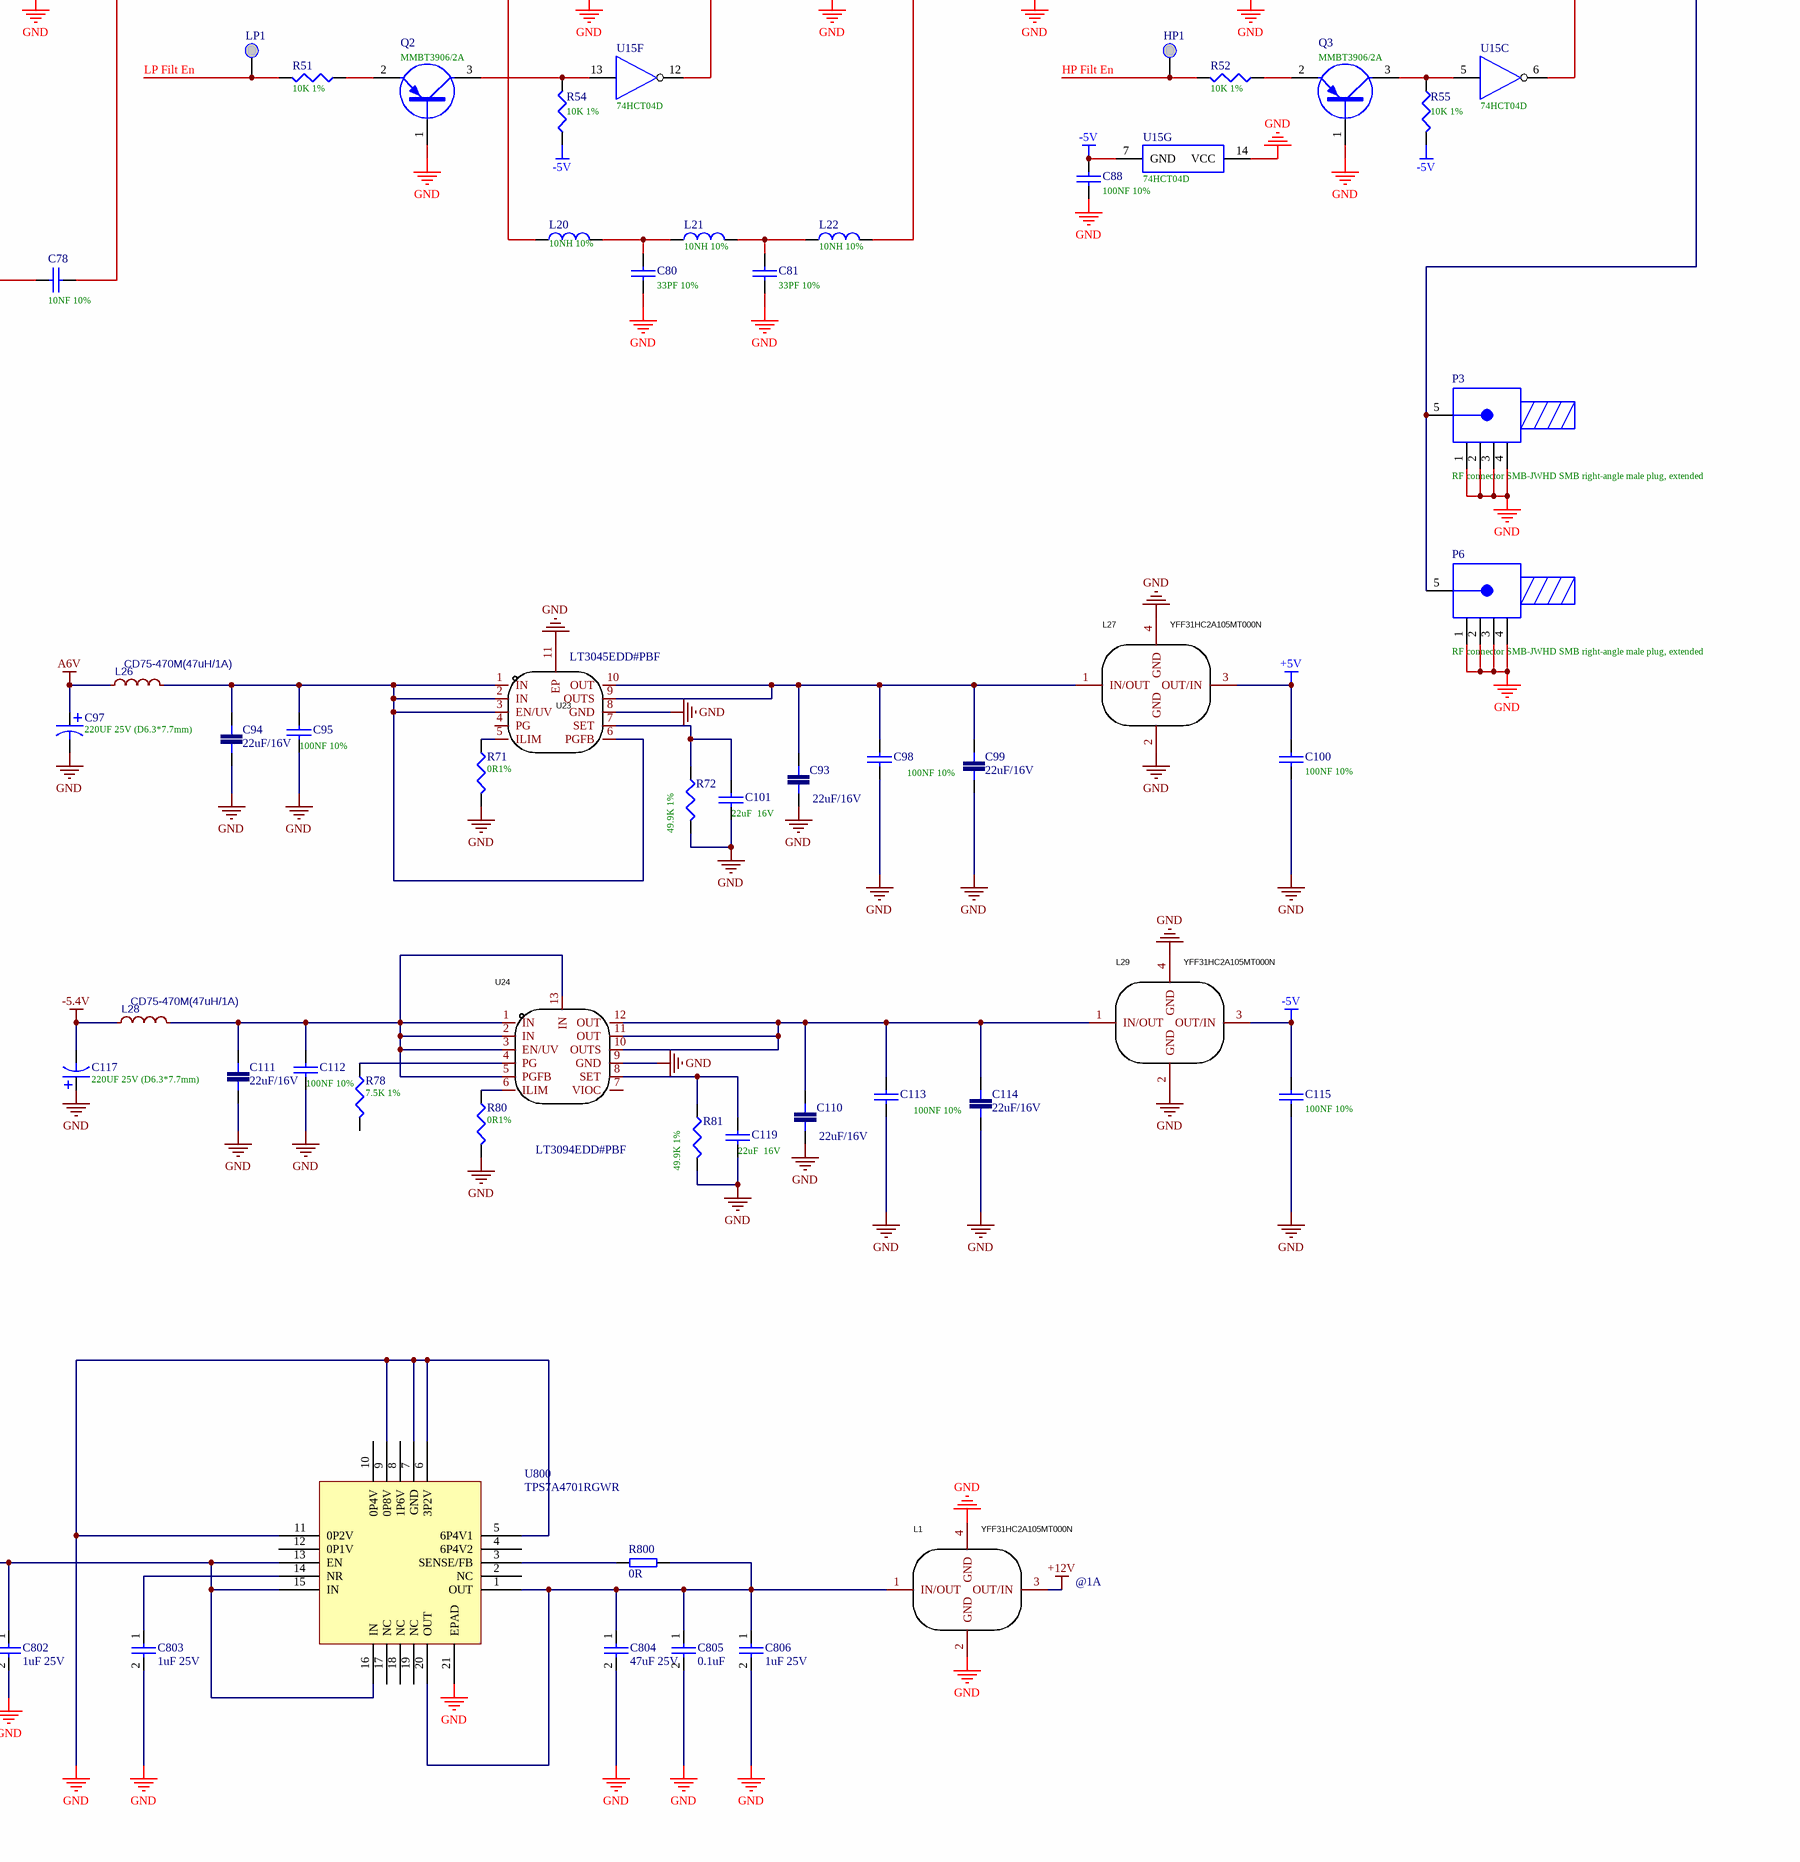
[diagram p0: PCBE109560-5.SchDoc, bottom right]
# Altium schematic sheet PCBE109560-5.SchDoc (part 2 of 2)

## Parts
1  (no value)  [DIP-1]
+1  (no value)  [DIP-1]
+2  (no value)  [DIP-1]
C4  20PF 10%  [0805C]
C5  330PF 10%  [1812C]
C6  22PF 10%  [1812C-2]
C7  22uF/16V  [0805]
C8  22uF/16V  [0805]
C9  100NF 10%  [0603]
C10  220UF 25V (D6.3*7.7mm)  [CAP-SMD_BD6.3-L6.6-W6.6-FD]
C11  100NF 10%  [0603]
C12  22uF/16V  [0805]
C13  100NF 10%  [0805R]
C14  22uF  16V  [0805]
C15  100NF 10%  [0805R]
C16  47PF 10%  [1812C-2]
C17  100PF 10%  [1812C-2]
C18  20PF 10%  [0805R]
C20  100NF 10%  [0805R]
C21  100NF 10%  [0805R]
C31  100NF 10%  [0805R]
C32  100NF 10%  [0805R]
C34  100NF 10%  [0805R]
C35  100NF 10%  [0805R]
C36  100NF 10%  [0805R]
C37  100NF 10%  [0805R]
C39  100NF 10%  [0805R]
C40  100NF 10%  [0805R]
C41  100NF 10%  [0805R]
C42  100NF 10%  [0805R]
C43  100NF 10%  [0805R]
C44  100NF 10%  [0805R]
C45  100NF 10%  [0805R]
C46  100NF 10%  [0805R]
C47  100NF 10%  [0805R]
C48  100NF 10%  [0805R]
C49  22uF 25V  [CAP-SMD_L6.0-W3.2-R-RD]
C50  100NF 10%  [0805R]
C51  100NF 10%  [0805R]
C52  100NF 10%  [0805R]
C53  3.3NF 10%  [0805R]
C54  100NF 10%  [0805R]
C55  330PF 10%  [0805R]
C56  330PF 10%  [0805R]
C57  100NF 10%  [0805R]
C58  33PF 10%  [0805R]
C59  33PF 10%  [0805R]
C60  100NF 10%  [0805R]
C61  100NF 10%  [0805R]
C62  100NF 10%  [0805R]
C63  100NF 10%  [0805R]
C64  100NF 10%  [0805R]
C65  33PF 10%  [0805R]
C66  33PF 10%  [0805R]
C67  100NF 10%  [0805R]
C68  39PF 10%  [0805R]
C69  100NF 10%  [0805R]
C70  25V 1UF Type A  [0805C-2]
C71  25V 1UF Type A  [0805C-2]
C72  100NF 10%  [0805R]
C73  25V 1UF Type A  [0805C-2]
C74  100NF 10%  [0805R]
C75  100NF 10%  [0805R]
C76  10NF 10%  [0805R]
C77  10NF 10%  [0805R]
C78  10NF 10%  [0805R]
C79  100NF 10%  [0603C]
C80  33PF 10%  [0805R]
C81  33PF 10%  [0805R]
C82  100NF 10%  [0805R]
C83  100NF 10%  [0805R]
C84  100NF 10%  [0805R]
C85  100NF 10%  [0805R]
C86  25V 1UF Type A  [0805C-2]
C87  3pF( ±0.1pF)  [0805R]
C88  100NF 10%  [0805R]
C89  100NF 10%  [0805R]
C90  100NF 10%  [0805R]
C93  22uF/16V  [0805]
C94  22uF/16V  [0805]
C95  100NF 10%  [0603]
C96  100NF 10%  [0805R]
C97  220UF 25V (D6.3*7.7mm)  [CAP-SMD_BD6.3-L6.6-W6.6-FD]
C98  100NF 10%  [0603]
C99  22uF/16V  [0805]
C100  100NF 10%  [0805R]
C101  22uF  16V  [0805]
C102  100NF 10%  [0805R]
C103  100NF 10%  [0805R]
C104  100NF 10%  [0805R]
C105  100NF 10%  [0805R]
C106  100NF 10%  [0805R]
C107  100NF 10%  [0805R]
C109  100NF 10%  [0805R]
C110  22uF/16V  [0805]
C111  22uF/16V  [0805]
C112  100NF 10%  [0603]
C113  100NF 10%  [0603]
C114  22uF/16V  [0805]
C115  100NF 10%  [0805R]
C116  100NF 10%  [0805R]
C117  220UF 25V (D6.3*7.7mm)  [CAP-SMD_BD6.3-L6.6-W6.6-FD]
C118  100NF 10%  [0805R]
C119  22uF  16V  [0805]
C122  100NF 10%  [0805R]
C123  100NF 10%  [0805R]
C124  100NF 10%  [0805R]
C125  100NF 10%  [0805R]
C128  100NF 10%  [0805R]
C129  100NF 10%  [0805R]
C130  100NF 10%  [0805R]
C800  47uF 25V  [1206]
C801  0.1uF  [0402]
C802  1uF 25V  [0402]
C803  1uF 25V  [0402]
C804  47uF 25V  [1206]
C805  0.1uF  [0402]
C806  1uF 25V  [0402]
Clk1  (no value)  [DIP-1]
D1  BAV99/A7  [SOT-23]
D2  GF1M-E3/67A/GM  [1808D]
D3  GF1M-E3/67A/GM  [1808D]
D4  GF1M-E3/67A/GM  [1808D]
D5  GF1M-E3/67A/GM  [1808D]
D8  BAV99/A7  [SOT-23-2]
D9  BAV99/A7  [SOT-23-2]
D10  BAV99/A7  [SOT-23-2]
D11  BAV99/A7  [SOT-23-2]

(Task details): What is the number of lines above that contain the string "Type"? Answer with the number alone.

(Response to this task): 4